Task requirements:
Copy out each line of the material in which the word "PredefinedType" appears.

Given records:
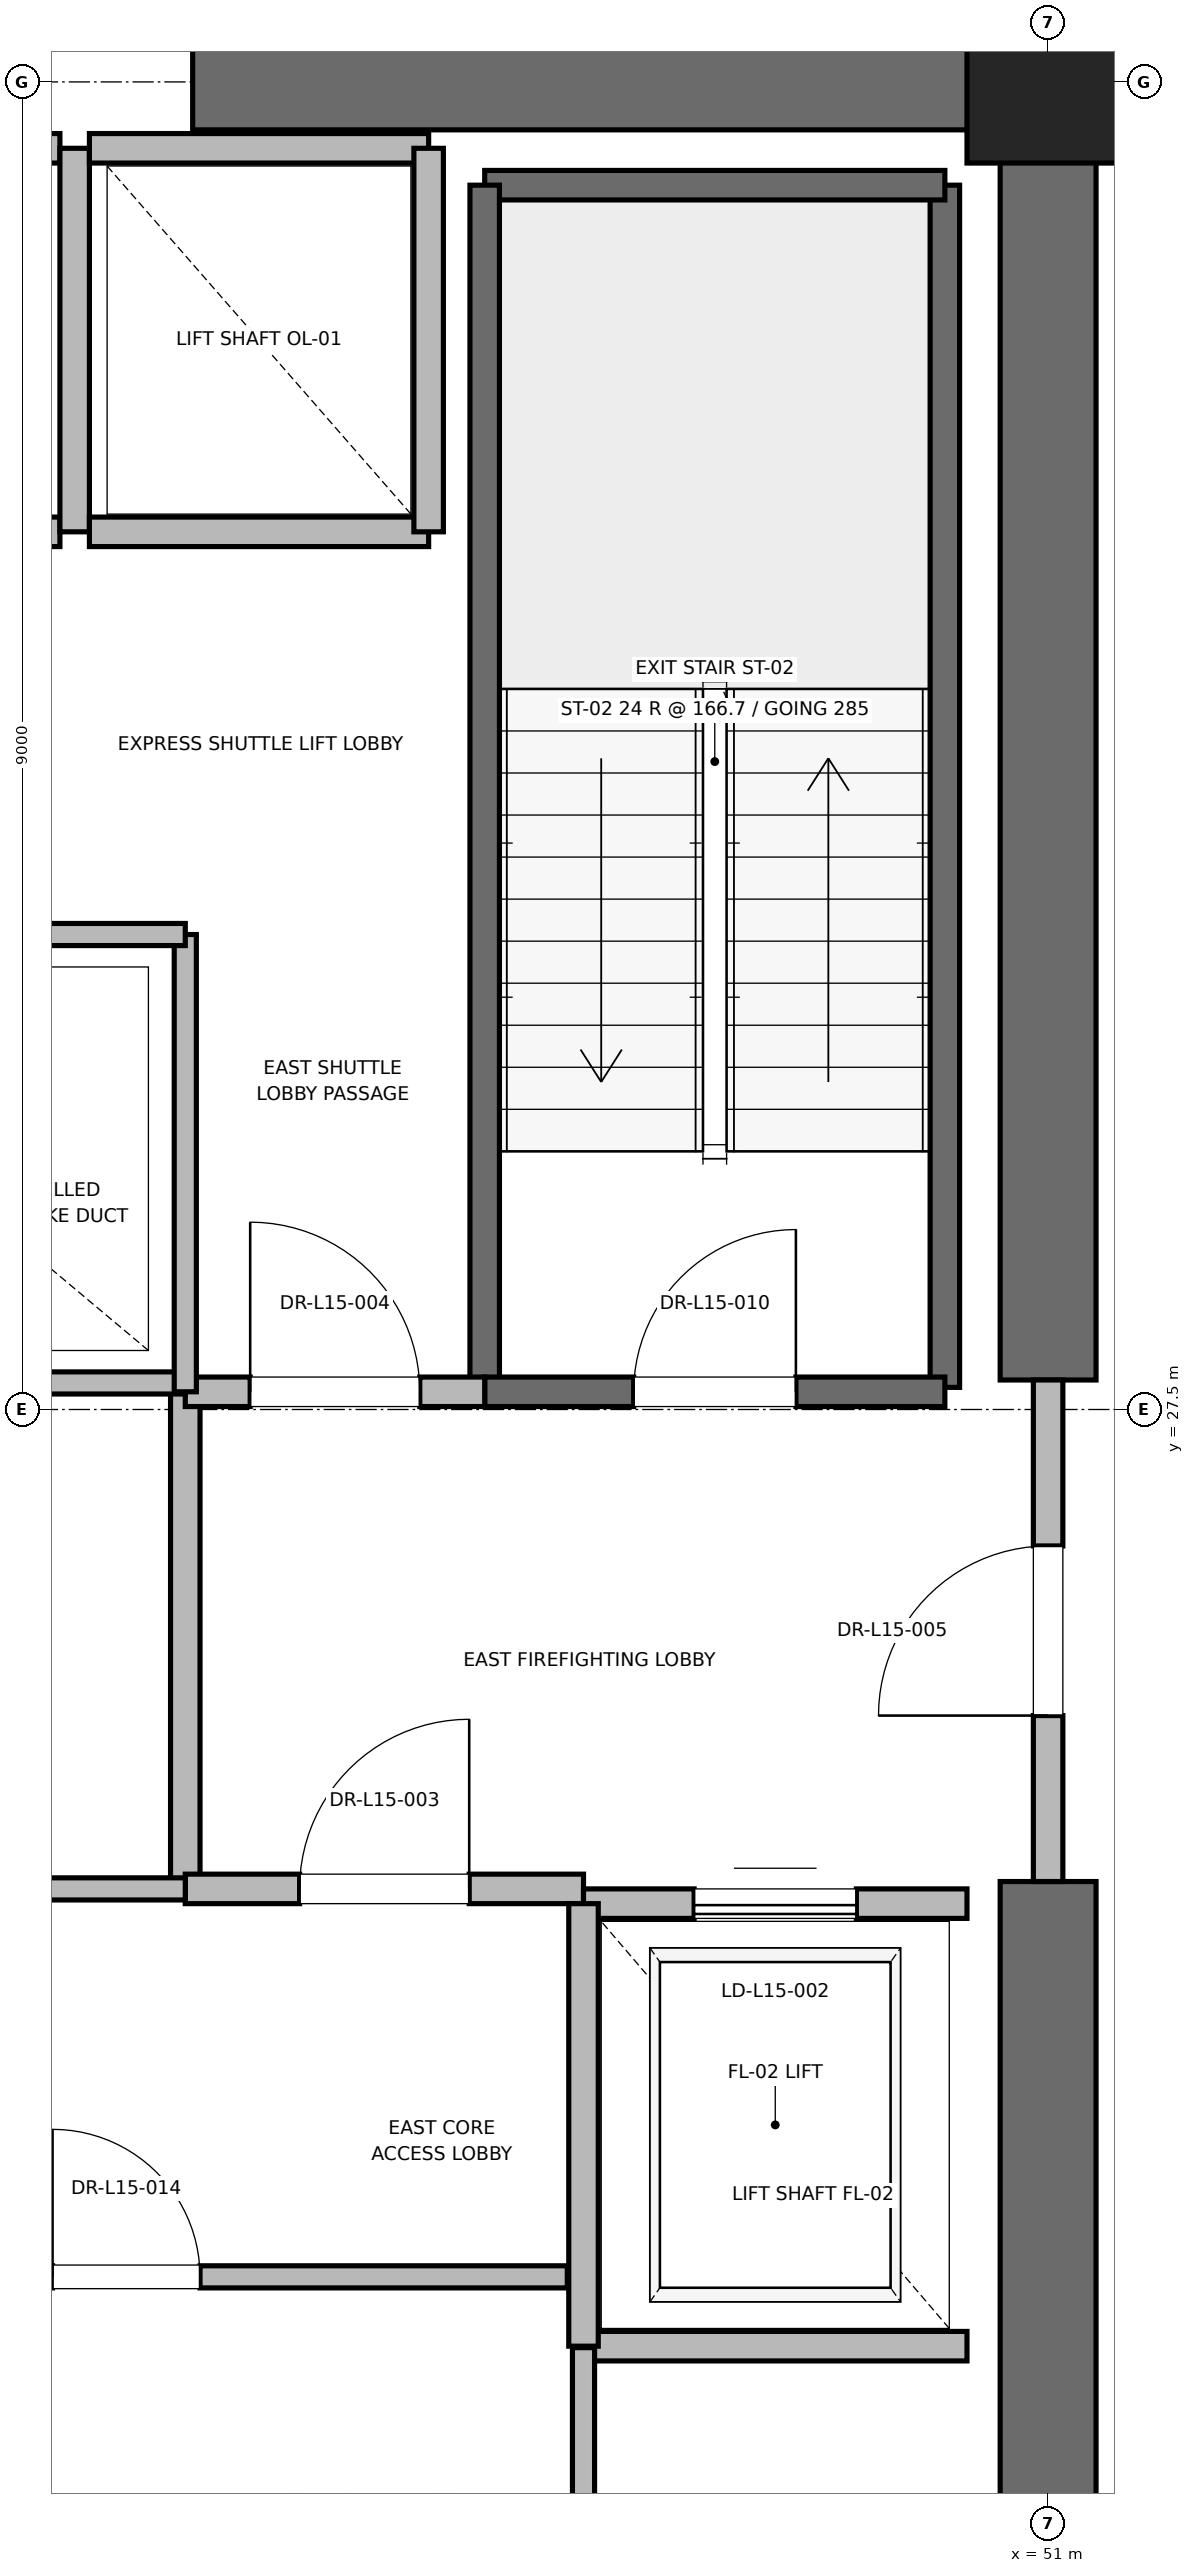
"""IFC4 building model, lengths in metres.
Left out: names, types, materials, properties, quantities, classifications, styles, units other than length and angle.
Written with IfcOpenShell. Run it as: python <this file> out.ifc"""

import sys

from ifc_helpers import new_model, si_unit, direction, frame, frame_2d, origin, origin_2d, place, context, subcontext, project, spatial, rectangle, extrude, element, fill, save


model = new_model("IFC4")
c1 = context("Model", 3, precision=1e-05, world=origin(), true_north=direction((0.0, 1.0)))
c2 = subcontext(c1, "Body", "Model", "MODEL_VIEW")
j1 = project(units=[si_unit("LENGTHUNIT", "METRE"), si_unit("PLANEANGLEUNIT", "RADIAN")], contexts=[c1])
p1 = place(None, origin())
s1 = spatial("IfcSite", under=j1, at=p1, CompositionType="ELEMENT")
p2 = place(p1, origin())
s2 = spatial("IfcBuilding", under=s1, at=p2, CompositionType="ELEMENT")
p3 = place(p2, frame((0.0, 0.0, 67.6)))
s3 = spatial("IfcBuildingStorey", under=s2, at=p3, CompositionType="ELEMENT", Elevation=67.6)
p4 = place(p3, frame((51.0, 36.5, 0.0), z_axis=(0.0, 0.0, 1.0), x_axis=(1.0, 0.0, 0.0)))
e1 = element("IfcColumn", 1, at=p4, inside=s3, PredefinedType="PILASTER", context=c2, shape_type="SweptSolid", body=[
    extrude(rectangle(XDim=1.1, YDim=1.1, at=origin_2d()), origin(), (0.0, 0.0, 1.0), 4.0),
])
for number, where, z_axis, x_axis in (
    (2, (45.2, 36.5, 0.0), (0.0, 0.0, 1.0), (1.0, 0.0, 0.0)),
    (3, (51.0, 18.5, 0.0), (0.0, 0.0, 1.0), (0.0, 1.0, 0.0)),
):
    element("IfcWall", number, at=place(p3, frame(where, z_axis=z_axis, x_axis=x_axis)), inside=s3, PredefinedType="SHEAR", context=c2, shape_type="SweptSolid", body=[
        extrude(rectangle(XDim=5.8, YDim=0.65, at=frame_2d((2.9, 0.0))), origin(), (0.0, 0.0, 1.0), 3.76),
    ])
p5 = place(p3, frame((51.0, 27.7, 0.0), z_axis=(0.0, 0.0, 1.0), x_axis=(0.0, 1.0, 0.0)))
e4 = element("IfcWall", 4, at=p5, inside=s3, PredefinedType="SHEAR", context=c2, shape_type="SweptSolid", body=[
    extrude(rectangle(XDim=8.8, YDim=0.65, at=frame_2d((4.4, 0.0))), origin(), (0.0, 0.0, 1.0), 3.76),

Answer for this exercise:
e1 = element("IfcColumn", 1, at=p4, inside=s3, PredefinedType="PILASTER", context=c2, shape_type="SweptSolid", body=[
    element("IfcWall", number, at=place(p3, frame(where, z_axis=z_axis, x_axis=x_axis)), inside=s3, PredefinedType="SHEAR", context=c2, shape_type="SweptSolid", body=[
e4 = element("IfcWall", 4, at=p5, inside=s3, PredefinedType="SHEAR", context=c2, shape_type="SweptSolid", body=[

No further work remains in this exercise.